[Records from a dataset]
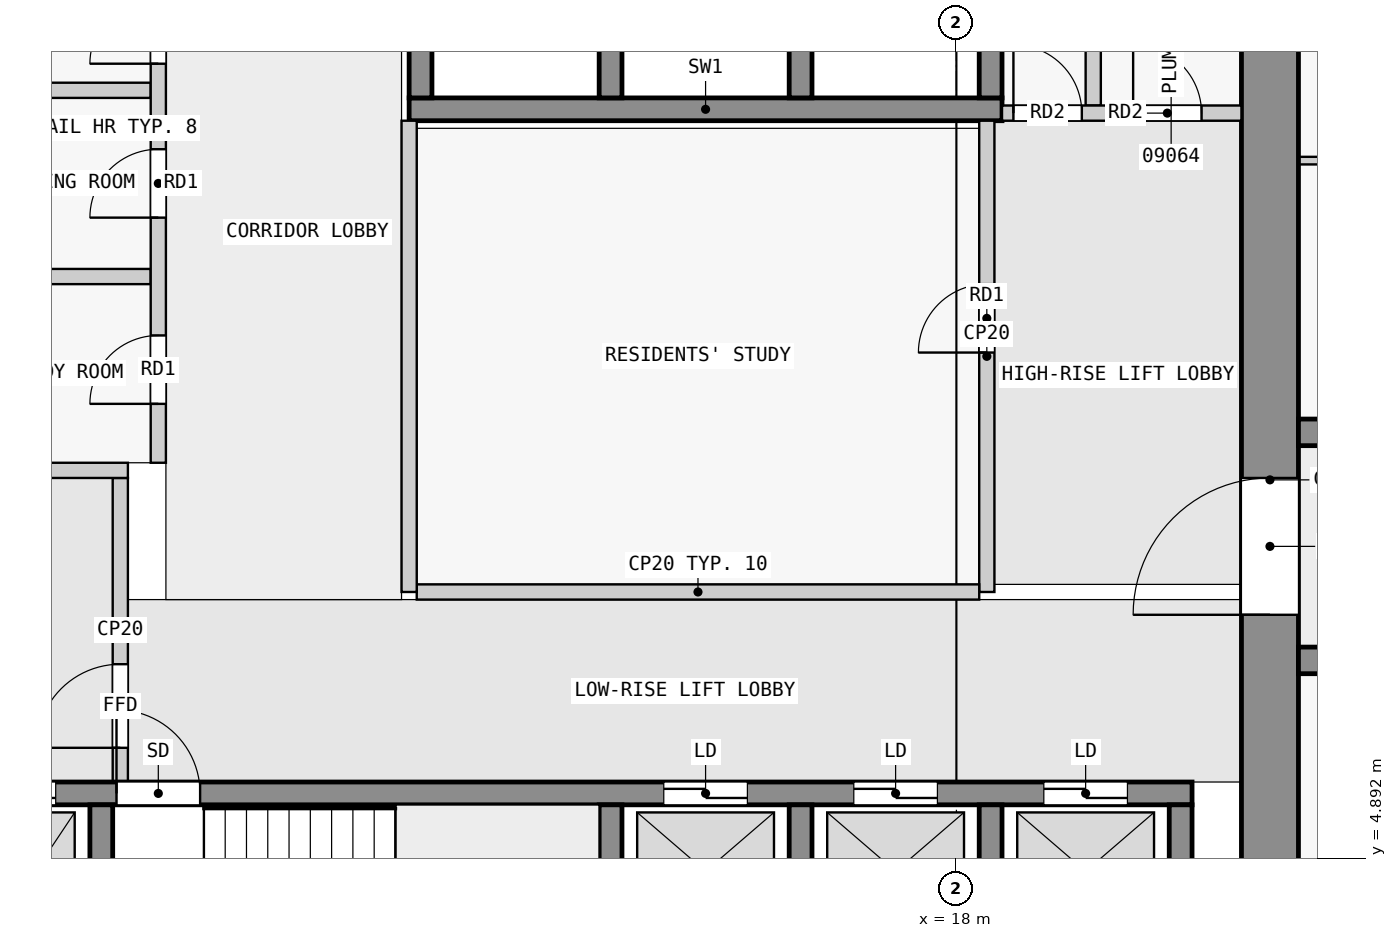
"""IFC4 building model, lengths in metres.
Left out: names, types, materials, properties, quantities, classifications, styles, units other than length and angle.
Written with IfcOpenShell. Run it as: python <this file> out.ifc"""

import sys

from ifc_helpers import new_model, si_unit, direction, frame, frame_2d, origin, place, context, subcontext, project, spatial, rectangle, extrude, element, fill, save


model = new_model("IFC4")
c1 = context("Model", 3, precision=1e-05, world=origin(), true_north=direction((0.0, 1.0)))
c2 = subcontext(c1, "Body", "Model", "MODEL_VIEW")
j1 = project(units=[si_unit("LENGTHUNIT", "METRE"), si_unit("PLANEANGLEUNIT", "RADIAN")], contexts=[c1])
p1 = place(None, origin())
s1 = spatial("IfcSite", under=j1, at=p1, CompositionType="ELEMENT")
p2 = place(p1, origin())
s2 = spatial("IfcBuilding", under=s1, at=p2, CompositionType="ELEMENT")
p3 = place(p2, frame((0.0, 0.0, 40.8)))
s3 = spatial("IfcBuildingStorey", under=s2, at=p3, CompositionType="ELEMENT", Elevation=40.8)
p4 = place(p3, frame((22.125, 2.5, 0.0), z_axis=(0.0, 0.0, 1.0), x_axis=(0.0, 1.0, 0.0)))
e1 = element("IfcWall", 1, at=p4, inside=s3, PredefinedType="SHEAR", context=c2, shape_type="SweptSolid", body=[
    extrude(rectangle(XDim=14.75, YDim=0.75, at=frame_2d((7.375, 0.0))), origin(), (0.0, 0.0, 1.0), 3.25),
])
p5 = place(p4, frame((5.6, 0.0, 0.0)))
e2 = element("IfcOpeningElement", 2, at=p5, cuts=e1, PredefinedType="OPENING", context=c2, shape_type="SweptSolid", body=[
    extrude(rectangle(XDim=1.8, YDim=2.1, at=frame_2d((0.9, 1.05))), frame((0.0, 0.385, 0.0), z_axis=(0.0, -1.0, 0.0), x_axis=(1.0, 0.0, 0.0)), (0.0, 0.0, 1.0), 0.77),
])
for number, where, z_axis, x_axis in (
    (3, (6.75, 2.8, 0.0), (0.0, 0.0, 1.0), (0.0, 1.0, 0.0)),
    (4, (13.45, 2.8, 0.0), (0.0, 0.0, 1.0), (0.0, 1.0, 0.0)),
    (5, (15.95, 2.8, 0.0), (0.0, 0.0, 1.0), (0.0, 1.0, 0.0)),
    (6, (18.45, 2.8, 0.0), (0.0, 0.0, 1.0), (0.0, 1.0, 0.0)),
    (7, (20.95, 2.8, 0.0), (0.0, 0.0, 1.0), (0.0, 1.0, 0.0)),
):
    element("IfcWall", number, at=place(p3, frame(where, z_axis=z_axis, x_axis=x_axis)), inside=s3, PredefinedType="SHEAR", context=c2, shape_type="SweptSolid", body=[
        extrude(rectangle(XDim=2.8, YDim=0.3, at=frame_2d((1.4, 0.0))), origin(), (0.0, 0.0, 1.0), 3.25),
    ])
p6 = place(p3, frame((2.3, 5.75, 0.0), z_axis=(0.0, 0.0, 1.0), x_axis=(1.0, 0.0, 0.0)))
e8 = element("IfcWall", 8, at=p6, inside=s3, PredefinedType="SHEAR", context=c2, shape_type="SweptSolid", body=[
    extrude(rectangle(XDim=18.8, YDim=0.3, at=frame_2d((9.4, 0.0))), origin(), (0.0, 0.0, 1.0), 3.25),
])
p7 = place(p6, frame((4.65, 0.0, 0.0)))
e9 = element("IfcOpeningElement", 9, at=p7, cuts=e8, PredefinedType="OPENING", context=c2, shape_type="SweptSolid", body=[
    extrude(rectangle(XDim=1.1, YDim=2.1, at=frame_2d((0.55, 1.05))), frame((0.0, 0.16, 0.0), z_axis=(0.0, -1.0, 0.0), x_axis=(1.0, 0.0, 0.0)), (0.0, 0.0, 1.0), 0.32),
])
p8 = place(p6, frame((0.45, 0.0, 0.0)))
e10 = element("IfcOpeningElement", 10, at=p8, cuts=e8, PredefinedType="OPENING", context=c2, shape_type="SweptSolid", body=[
    extrude(rectangle(XDim=1.1, YDim=2.1, at=frame_2d((0.55, 1.05))), frame((0.0, 0.16, 0.0), z_axis=(0.0, -1.0, 0.0), x_axis=(1.0, 0.0, 0.0)), (0.0, 0.0, 1.0), 0.32),
])
p9 = place(p6, frame((2.75, 0.0, 0.0)))
e11 = element("IfcOpeningElement", 11, at=p9, cuts=e8, PredefinedType="OPENING", context=c2, shape_type="SweptSolid", body=[
    extrude(rectangle(XDim=1.1, YDim=2.1, at=frame_2d((0.55, 1.05))), frame((0.0, 0.16, 0.0), z_axis=(0.0, -1.0, 0.0), x_axis=(1.0, 0.0, 0.0)), (0.0, 0.0, 1.0), 0.32),
])
p10 = place(p6, frame((11.85, 0.0, 0.0)))
e12 = element("IfcOpeningElement", 12, at=p10, cuts=e8, PredefinedType="OPENING", context=c2, shape_type="SweptSolid", body=[
    extrude(rectangle(XDim=1.1, YDim=2.1, at=frame_2d((0.55, 1.05))), frame((0.0, 0.16, 0.0), z_axis=(0.0, -1.0, 0.0), x_axis=(1.0, 0.0, 0.0)), (0.0, 0.0, 1.0), 0.32),
])
p11 = place(p6, frame((14.35, 0.0, 0.0)))
e13 = element("IfcOpeningElement", 13, at=p11, cuts=e8, PredefinedType="OPENING", context=c2, shape_type="SweptSolid", body=[
    extrude(rectangle(XDim=1.1, YDim=2.1, at=frame_2d((0.55, 1.05))), frame((0.0, 0.16, 0.0), z_axis=(0.0, -1.0, 0.0), x_axis=(1.0, 0.0, 0.0)), (0.0, 0.0, 1.0), 0.32),
])
p12 = place(p6, frame((16.85, 0.0, 0.0)))
e14 = element("IfcOpeningElement", 14, at=p12, cuts=e8, PredefinedType="OPENING", context=c2, shape_type="SweptSolid", body=[
    extrude(rectangle(XDim=1.1, YDim=2.1, at=frame_2d((0.55, 1.05))), frame((0.0, 0.16, 0.0), z_axis=(0.0, -1.0, 0.0), x_axis=(1.0, 0.0, 0.0)), (0.0, 0.0, 1.0), 0.32),
])
p13 = place(p3, frame((10.8, 14.75, 0.0), z_axis=(0.0, 0.0, 1.0), x_axis=(1.0, 0.0, 0.0)))
e15 = element("IfcWall", 15, at=p13, inside=s3, PredefinedType="SHEAR", context=c2, shape_type="SweptSolid", body=[
    extrude(rectangle(XDim=7.8, YDim=0.3, at=frame_2d((3.9, 0.0))), origin(), (0.0, 0.0, 1.0), 3.25),
])
for number, where, z_axis, x_axis in (
    (16, (10.95, 14.9, 0.0), (0.0, 0.0, 1.0), (0.0, 1.0, 0.0)),
    (17, (13.45, 14.9, 0.0), (0.0, 0.0, 1.0), (0.0, 1.0, 0.0)),
    (18, (15.95, 14.9, 0.0), (0.0, 0.0, 1.0), (0.0, 1.0, 0.0)),
    (19, (18.45, 14.9, 0.0), (0.0, 0.0, 1.0), (0.0, 1.0, 0.0)),
):
    element("IfcWall", number, at=place(p3, frame(where, z_axis=z_axis, x_axis=x_axis)), inside=s3, PredefinedType="SHEAR", context=c2, shape_type="SweptSolid", body=[
        extrude(rectangle(XDim=2.0, YDim=0.3, at=frame_2d((1.0, 0.0))), origin(), (0.0, 0.0, 1.0), 3.25),
    ])
p14 = place(p3, frame((22.5, 7.5, 0.0), z_axis=(0.0, 0.0, 1.0), x_axis=(1.0, 0.0, 0.0)))
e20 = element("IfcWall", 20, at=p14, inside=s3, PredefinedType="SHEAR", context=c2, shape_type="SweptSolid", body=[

PROBLEM
From the data above, show each line that contains "SHEAR".

TASK ANSWER
e1 = element("IfcWall", 1, at=p4, inside=s3, PredefinedType="SHEAR", context=c2, shape_type="SweptSolid", body=[
    element("IfcWall", number, at=place(p3, frame(where, z_axis=z_axis, x_axis=x_axis)), inside=s3, PredefinedType="SHEAR", context=c2, shape_type="SweptSolid", body=[
e8 = element("IfcWall", 8, at=p6, inside=s3, PredefinedType="SHEAR", context=c2, shape_type="SweptSolid", body=[
e15 = element("IfcWall", 15, at=p13, inside=s3, PredefinedType="SHEAR", context=c2, shape_type="SweptSolid", body=[
    element("IfcWall", number, at=place(p3, frame(where, z_axis=z_axis, x_axis=x_axis)), inside=s3, PredefinedType="SHEAR", context=c2, shape_type="SweptSolid", body=[
e20 = element("IfcWall", 20, at=p14, inside=s3, PredefinedType="SHEAR", context=c2, shape_type="SweptSolid", body=[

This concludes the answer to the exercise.